§ **What to do**
Among the lines below, restate word for word only those from the line with "#198=DIRECTION('',(-0.,1.,0.));" through the line with "#218=CARTESIAN_POINT('',(-5.116,25.326,2.697));", with both end lines kept.

* * * * *

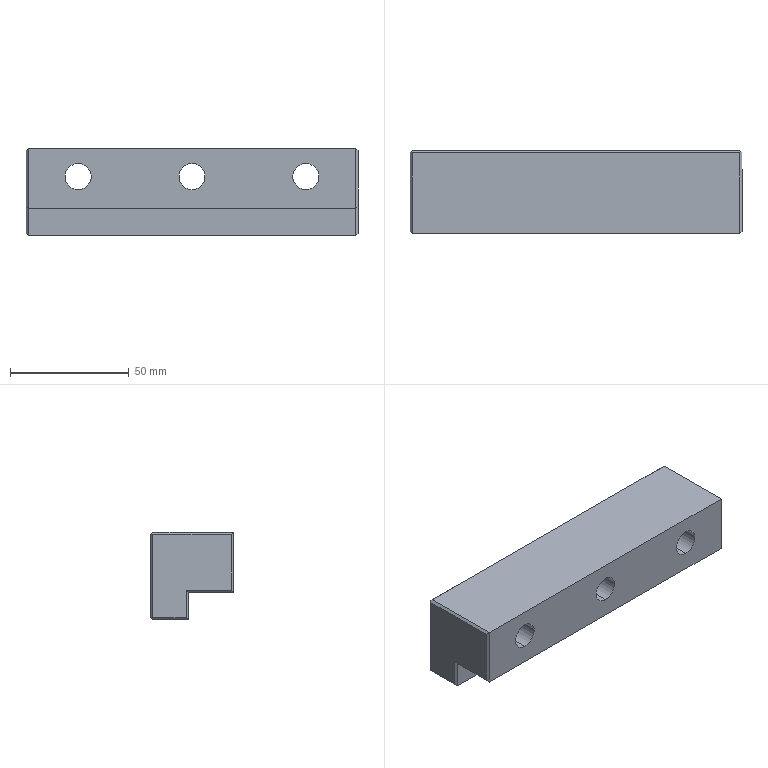Component | SolidWorks | UpperDieShankSeat-1 | 1 solid | 37 faces | box 140 x 35 x 37 mm | volume 135382 mm3 | plane 25 | cylinder 12 | commonest cylinder face diameters 18 x6 11 x6
build123d program:
from build123d import *

# Parameters (mm, degrees)
SKETCH1_W                                        = 140
SKETCH1_H                                        = 140
BOSS_EXTRUDE1_DEPTH                              = 35
SKETCH2_W                                        = 114.165
SKETCH2_H                                        = 44.114
CUT_EXTRUDE1_DEPTH                               = 161.39
SKETCH3_W                                        = 18.069
SKETCH3_H                                        = 21.674
SKETCH3_W_2                                      = 16.574
SKETCH3_H_2                                      = 23.169
CUT_EXTRUDE2_DEPTH                               = 161.39
M10_HEX_SOCKET_HEAD_CAP_SCREW_CBORE1_D           = 11
M10_HEX_SOCKET_HEAD_CAP_SCREW_CBORE1_CBORE_D     = 18
M10_HEX_SOCKET_HEAD_CAP_SCREW_CBORE1_CBORE_DEPTH = 10.6
CHAMFER1_SIZE                                    = 1
CHAMFER2_SIZE                                    = 1
CHAMFER3_SIZE                                    = 1


with BuildPart() as part:
    # Sketch1 → Boss-Extrude1 (new body)
    with BuildSketch(Plane.XY):
        Rectangle(SKETCH1_W, SKETCH1_H)
    extrude(amount=BOSS_EXTRUDE1_DEPTH)

    # Sketch2 → Cut-Extrude1 (cut, through all)
    with BuildSketch(Plane.XZ.offset(70)):
        with Locations((24.082, 18.552)):
            Rectangle(SKETCH2_W, SKETCH2_H)
    extrude(amount=-CUT_EXTRUDE1_DEPTH, mode=Mode.SUBTRACT)

    # Sketch3 → Cut-Extrude2 (cut, through all)
    with BuildSketch(Plane.XZ.offset(70)):
        with Locations((-35.466, 8.163)):
            Rectangle(SKETCH3_W, SKETCH3_H)
        with Locations((35.963, 8.098)):
            Rectangle(SKETCH3_W_2, SKETCH3_H_2)
    extrude(amount=-CUT_EXTRUDE2_DEPTH, mode=Mode.SUBTRACT)

    # M10 Hex Socket Head Cap Screw CBORE1 (through all)
    with Locations(Plane.XY.offset(35)):
        with Locations((-58, 48), (-58, 0), (-58, -48)):
            CounterBoreHole(M10_HEX_SOCKET_HEAD_CAP_SCREW_CBORE1_D / 2, M10_HEX_SOCKET_HEAD_CAP_SCREW_CBORE1_CBORE_D / 2, M10_HEX_SOCKET_HEAD_CAP_SCREW_CBORE1_CBORE_DEPTH)

    # Chamfer1
    chamfer1_edges = [part.edges().sort_by_distance(p)[0] for p in [
        (-33, -70, 27),
        (-38.75, -70, 19),
        (-44.5, -70, 9.5),
        (-57.25, -70, 0),
        (-51.5, -70, 35),
        (-70, -70, 17.5),
    ]]
    chamfer(chamfer1_edges, length=CHAMFER1_SIZE)

    # Chamfer2
    chamfer2_edges = [part.edges().sort_by_distance(p)[0] for p in [
        (-51.5, 70, 35),
        (-33, 70, 27),
        (-57.25, 70, 0),
        (-44.5, 70, 9.5),
        (-38.75, 70, 19),
        (-70, 70, 17.5),
    ]]
    chamfer(chamfer2_edges, length=CHAMFER2_SIZE)

    # Chamfer3
    chamfer3_edges = [part.edges().sort_by_distance(p)[0] for p in [
        (-33, 0, 35),
        (-70, 0, 35),
    ]]
    chamfer(chamfer3_edges, length=CHAMFER3_SIZE)


solid = part.part

# Placed as in the assembly
solid = solid.moved(Location((-177.951, 643.269, 5), (-90, 0, 90)))
STEP:
#1=COLOUR_RGB('',0.7922,0.8196,0.9333);
#2=FILL_AREA_STYLE_COLOUR('',#1);
#3=FILL_AREA_STYLE('',(#2));
#4=SURFACE_STYLE_FILL_AREA(#3);
#5=SURFACE_SIDE_STYLE('',(#4));
#6=SURFACE_STYLE_USAGE(.BOTH.,#5);
#7=PRESENTATION_STYLE_ASSIGNMENT((#6));
#8=CARTESIAN_POINT('',(-8.896,26.286,2.835));
#9=VERTEX_POINT('',#8);
#10=CARTESIAN_POINT('',(-8.896,26.286,2.126));
#11=VERTEX_POINT('',#10);
#12=CARTESIAN_POINT('',(-8.896,26.286,2.48));
#13=DIRECTION('',(-0.,1.,0.));
#14=DIRECTION('',(0.,0.,-1.));
#15=AXIS2_PLACEMENT_3D('',#12,#13,#14);
#16=CIRCLE('',#15,0.3543);
#17=EDGE_CURVE('',#9,#11,#16,.T.);
#18=ORIENTED_EDGE('',*,*,#17,.F.);
#19=CARTESIAN_POINT('',(-8.896,26.704,2.835));
#20=VERTEX_POINT('',#19);
#21=CARTESIAN_POINT('',(-8.896,26.704,2.835));
#22=DIRECTION('',(-0.,1.,0.));
#23=VECTOR('',#22,39.37);
#24=LINE('',#21,#23);
#25=EDGE_CURVE('',#9,#20,#24,.T.);
#26=ORIENTED_EDGE('',*,*,#25,.T.);
#27=CARTESIAN_POINT('',(-8.896,26.704,2.126));
#28=VERTEX_POINT('',#27);
#29=CARTESIAN_POINT('',(-8.896,26.704,2.48));
#30=DIRECTION('',(-0.,1.,0.));
#31=DIRECTION('',(0.,0.,-1.));
#32=AXIS2_PLACEMENT_3D('',#29,#30,#31);
#33=CIRCLE('',#32,0.3543);
#34=EDGE_CURVE('',#20,#28,#33,.T.);
#35=ORIENTED_EDGE('',*,*,#34,.T.);
#36=CARTESIAN_POINT('',(-8.896,26.704,2.126));
#37=DIRECTION('',(-0.,1.,0.));
#38=VECTOR('',#37,39.37);
#39=LINE('',#36,#38);
#40=EDGE_CURVE('',#11,#28,#39,.T.);
#41=ORIENTED_EDGE('',*,*,#40,.F.);
#42=EDGE_LOOP('',(#18,#26,#35,#41));
#43=FACE_OUTER_BOUND('',#42,.T.);
#44=CARTESIAN_POINT('',(-8.896,26.704,2.48));
#45=DIRECTION('',(-0.,1.,0.));
#46=DIRECTION('',(0.,0.,-1.));
#47=AXIS2_PLACEMENT_3D('',#44,#45,#46);
#48=CYLINDRICAL_SURFACE('',#47,0.3543);
#49=ADVANCED_FACE('',(#43),#48,.F.);
#50=CARTESIAN_POINT('',(-8.896,25.326,2.697));
#51=VERTEX_POINT('',#50);
#52=CARTESIAN_POINT('',(-8.896,25.326,2.264));
#53=VERTEX_POINT('',#52);
#54=CARTESIAN_POINT('',(-8.896,25.326,2.48));
#55=DIRECTION('',(-0.,1.,0.));
#56=DIRECTION('',(0.,0.,-1.));
#57=AXIS2_PLACEMENT_3D('',#54,#55,#56);
#58=CIRCLE('',#57,0.2165);
#59=EDGE_CURVE('',#51,#53,#58,.T.);
#60=ORIENTED_EDGE('',*,*,#59,.F.);
#61=CARTESIAN_POINT('',(-8.896,26.286,2.697));
#62=VERTEX_POINT('',#61);
#63=CARTESIAN_POINT('',(-8.896,26.704,2.697));
#64=DIRECTION('',(-0.,1.,0.));
#65=VECTOR('',#64,39.37);
#66=LINE('',#63,#65);
#67=EDGE_CURVE('',#51,#62,#66,.T.);
#68=ORIENTED_EDGE('',*,*,#67,.T.);
#69=CARTESIAN_POINT('',(-8.896,26.286,2.264));
#70=VERTEX_POINT('',#69);
#71=CARTESIAN_POINT('',(-8.896,26.286,2.48));
#72=DIRECTION('',(-0.,1.,0.));
#73=DIRECTION('',(0.,0.,-1.));
#74=AXIS2_PLACEMENT_3D('',#71,#72,#73);
#75=CIRCLE('',#74,0.2165);
#76=EDGE_CURVE('',#62,#70,#75,.T.);
#77=ORIENTED_EDGE('',*,*,#76,.T.);
#78=CARTESIAN_POINT('',(-8.896,26.704,2.264));
#79=DIRECTION('',(-0.,1.,0.));
#80=VECTOR('',#79,39.37);
#81=LINE('',#78,#80);
#82=EDGE_CURVE('',#53,#70,#81,.T.);
#83=ORIENTED_EDGE('',*,*,#82,.F.);
#84=EDGE_LOOP('',(#60,#68,#77,#83));
#85=FACE_OUTER_BOUND('',#84,.T.);
#86=CARTESIAN_POINT('',(-8.896,26.704,2.48));
#87=DIRECTION('',(-0.,1.,0.));
#88=DIRECTION('',(0.,0.,-1.));
#89=AXIS2_PLACEMENT_3D('',#86,#87,#88);
#90=CYLINDRICAL_SURFACE('',#89,0.2165);
#91=ADVANCED_FACE('',(#85),#90,.F.);
#92=CARTESIAN_POINT('',(-7.006,26.286,2.835));
#93=VERTEX_POINT('',#92);
#94=CARTESIAN_POINT('',(-7.006,26.286,2.126));
#95=VERTEX_POINT('',#94);
#96=CARTESIAN_POINT('',(-7.006,26.286,2.48));
#97=DIRECTION('',(-0.,1.,0.));
#98=DIRECTION('',(0.,0.,-1.));
#99=AXIS2_PLACEMENT_3D('',#96,#97,#98);
#100=CIRCLE('',#99,0.3543);
#101=EDGE_CURVE('',#93,#95,#100,.T.);
#102=ORIENTED_EDGE('',*,*,#101,.F.);
#103=CARTESIAN_POINT('',(-7.006,26.704,2.835));
#104=VERTEX_POINT('',#103);
#105=CARTESIAN_POINT('',(-7.006,26.704,2.835));
#106=DIRECTION('',(-0.,1.,0.));
#107=VECTOR('',#106,39.37);
#108=LINE('',#105,#107);
#109=EDGE_CURVE('',#93,#104,#108,.T.);
#110=ORIENTED_EDGE('',*,*,#109,.T.);
#111=CARTESIAN_POINT('',(-7.006,26.704,2.126));
#112=VERTEX_POINT('',#111);
#113=CARTESIAN_POINT('',(-7.006,26.704,2.48));
#114=DIRECTION('',(-0.,1.,0.));
#115=DIRECTION('',(0.,0.,-1.));
#116=AXIS2_PLACEMENT_3D('',#113,#114,#115);
#117=CIRCLE('',#116,0.3543);
#118=EDGE_CURVE('',#104,#112,#117,.T.);
#119=ORIENTED_EDGE('',*,*,#118,.T.);
#120=CARTESIAN_POINT('',(-7.006,26.704,2.126));
#121=DIRECTION('',(-0.,1.,0.));
#122=VECTOR('',#121,39.37);
#123=LINE('',#120,#122);
#124=EDGE_CURVE('',#95,#112,#123,.T.);
#125=ORIENTED_EDGE('',*,*,#124,.F.);
#126=EDGE_LOOP('',(#102,#110,#119,#125));
#127=FACE_OUTER_BOUND('',#126,.T.);
#128=CARTESIAN_POINT('',(-7.006,26.704,2.48));
#129=DIRECTION('',(-0.,1.,0.));
#130=DIRECTION('',(0.,0.,-1.));
#131=AXIS2_PLACEMENT_3D('',#128,#129,#130);
#132=CYLINDRICAL_SURFACE('',#131,0.3543);
#133=ADVANCED_FACE('',(#127),#132,.F.);
#134=CARTESIAN_POINT('',(-7.006,25.326,2.697));
#135=VERTEX_POINT('',#134);
#136=CARTESIAN_POINT('',(-7.006,25.326,2.264));
#137=VERTEX_POINT('',#136);
#138=CARTESIAN_POINT('',(-7.006,25.326,2.48));
#139=DIRECTION('',(-0.,1.,0.));
#140=DIRECTION('',(0.,0.,-1.));
#141=AXIS2_PLACEMENT_3D('',#138,#139,#140);
#142=CIRCLE('',#141,0.2165);
#143=EDGE_CURVE('',#135,#137,#142,.T.);
#144=ORIENTED_EDGE('',*,*,#143,.F.);
#145=CARTESIAN_POINT('',(-7.006,26.286,2.697));
#146=VERTEX_POINT('',#145);
#147=CARTESIAN_POINT('',(-7.006,26.704,2.697));
#148=DIRECTION('',(-0.,1.,0.));
#149=VECTOR('',#148,39.37);
#150=LINE('',#147,#149);
#151=EDGE_CURVE('',#135,#146,#150,.T.);
#152=ORIENTED_EDGE('',*,*,#151,.T.);
#153=CARTESIAN_POINT('',(-7.006,26.286,2.264));
#154=VERTEX_POINT('',#153);
#155=CARTESIAN_POINT('',(-7.006,26.286,2.48));
#156=DIRECTION('',(-0.,1.,0.));
#157=DIRECTION('',(0.,0.,-1.));
#158=AXIS2_PLACEMENT_3D('',#155,#156,#157);
#159=CIRCLE('',#158,0.2165);
#160=EDGE_CURVE('',#146,#154,#159,.T.);
#161=ORIENTED_EDGE('',*,*,#160,.T.);
#162=CARTESIAN_POINT('',(-7.006,26.704,2.264));
#163=DIRECTION('',(-0.,1.,0.));
#164=VECTOR('',#163,39.37);
#165=LINE('',#162,#164);
#166=EDGE_CURVE('',#137,#154,#165,.T.);
#167=ORIENTED_EDGE('',*,*,#166,.F.);
#168=EDGE_LOOP('',(#144,#152,#161,#167));
#169=FACE_OUTER_BOUND('',#168,.T.);
#170=CARTESIAN_POINT('',(-7.006,26.704,2.48));
#171=DIRECTION('',(-0.,1.,0.));
#172=DIRECTION('',(0.,0.,-1.));
#173=AXIS2_PLACEMENT_3D('',#170,#171,#172);
#174=CYLINDRICAL_SURFACE('',#173,0.2165);
#175=ADVANCED_FACE('',(#169),#174,.F.);
#176=CARTESIAN_POINT('',(-5.116,26.286,2.835));
#177=VERTEX_POINT('',#176);
#178=CARTESIAN_POINT('',(-5.116,26.286,2.126));
#179=VERTEX_POINT('',#178);
#180=CARTESIAN_POINT('',(-5.116,26.286,2.48));
#181=DIRECTION('',(-0.,1.,0.));
#182=DIRECTION('',(0.,0.,-1.));
#183=AXIS2_PLACEMENT_3D('',#180,#181,#182);
#184=CIRCLE('',#183,0.3543);
#185=EDGE_CURVE('',#177,#179,#184,.T.);
#186=ORIENTED_EDGE('',*,*,#185,.F.);
#187=CARTESIAN_POINT('',(-5.116,26.704,2.835));
#188=VERTEX_POINT('',#187);
#189=CARTESIAN_POINT('',(-5.116,26.704,2.835));
#190=DIRECTION('',(-0.,1.,0.));
#191=VECTOR('',#190,39.37);
#192=LINE('',#189,#191);
#193=EDGE_CURVE('',#177,#188,#192,.T.);
#194=ORIENTED_EDGE('',*,*,#193,.T.);
#195=CARTESIAN_POINT('',(-5.116,26.704,2.126));
#196=VERTEX_POINT('',#195);
#197=CARTESIAN_POINT('',(-5.116,26.704,2.48));
#198=DIRECTION('',(-0.,1.,0.));
#199=DIRECTION('',(0.,0.,-1.));
#200=AXIS2_PLACEMENT_3D('',#197,#198,#199);
#201=CIRCLE('',#200,0.3543);
#202=EDGE_CURVE('',#188,#196,#201,.T.);
#203=ORIENTED_EDGE('',*,*,#202,.T.);
#204=CARTESIAN_POINT('',(-5.116,26.704,2.126));
#205=DIRECTION('',(-0.,1.,0.));
#206=VECTOR('',#205,39.37);
#207=LINE('',#204,#206);
#208=EDGE_CURVE('',#179,#196,#207,.T.);
#209=ORIENTED_EDGE('',*,*,#208,.F.);
#210=EDGE_LOOP('',(#186,#194,#203,#209));
#211=FACE_OUTER_BOUND('',#210,.T.);
#212=CARTESIAN_POINT('',(-5.116,26.704,2.48));
#213=DIRECTION('',(-0.,1.,0.));
#214=DIRECTION('',(0.,0.,-1.));
#215=AXIS2_PLACEMENT_3D('',#212,#213,#214);
#216=CYLINDRICAL_SURFACE('',#215,0.3543);
#217=ADVANCED_FACE('',(#211),#216,.F.);
#218=CARTESIAN_POINT('',(-5.116,25.326,2.697));
#219=VERTEX_POINT('',#218);
#220=CARTESIAN_POINT('',(-5.116,25.326,2.264));
#221=VERTEX_POINT('',#220);
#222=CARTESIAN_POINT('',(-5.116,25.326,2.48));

* * * * *

§ **Final answer**
#198=DIRECTION('',(-0.,1.,0.));
#199=DIRECTION('',(0.,0.,-1.));
#200=AXIS2_PLACEMENT_3D('',#197,#198,#199);
#201=CIRCLE('',#200,0.3543);
#202=EDGE_CURVE('',#188,#196,#201,.T.);
#203=ORIENTED_EDGE('',*,*,#202,.T.);
#204=CARTESIAN_POINT('',(-5.116,26.704,2.126));
#205=DIRECTION('',(-0.,1.,0.));
#206=VECTOR('',#205,39.37);
#207=LINE('',#204,#206);
#208=EDGE_CURVE('',#179,#196,#207,.T.);
#209=ORIENTED_EDGE('',*,*,#208,.F.);
#210=EDGE_LOOP('',(#186,#194,#203,#209));
#211=FACE_OUTER_BOUND('',#210,.T.);
#212=CARTESIAN_POINT('',(-5.116,26.704,2.48));
#213=DIRECTION('',(-0.,1.,0.));
#214=DIRECTION('',(0.,0.,-1.));
#215=AXIS2_PLACEMENT_3D('',#212,#213,#214);
#216=CYLINDRICAL_SURFACE('',#215,0.3543);
#217=ADVANCED_FACE('',(#211),#216,.F.);
#218=CARTESIAN_POINT('',(-5.116,25.326,2.697));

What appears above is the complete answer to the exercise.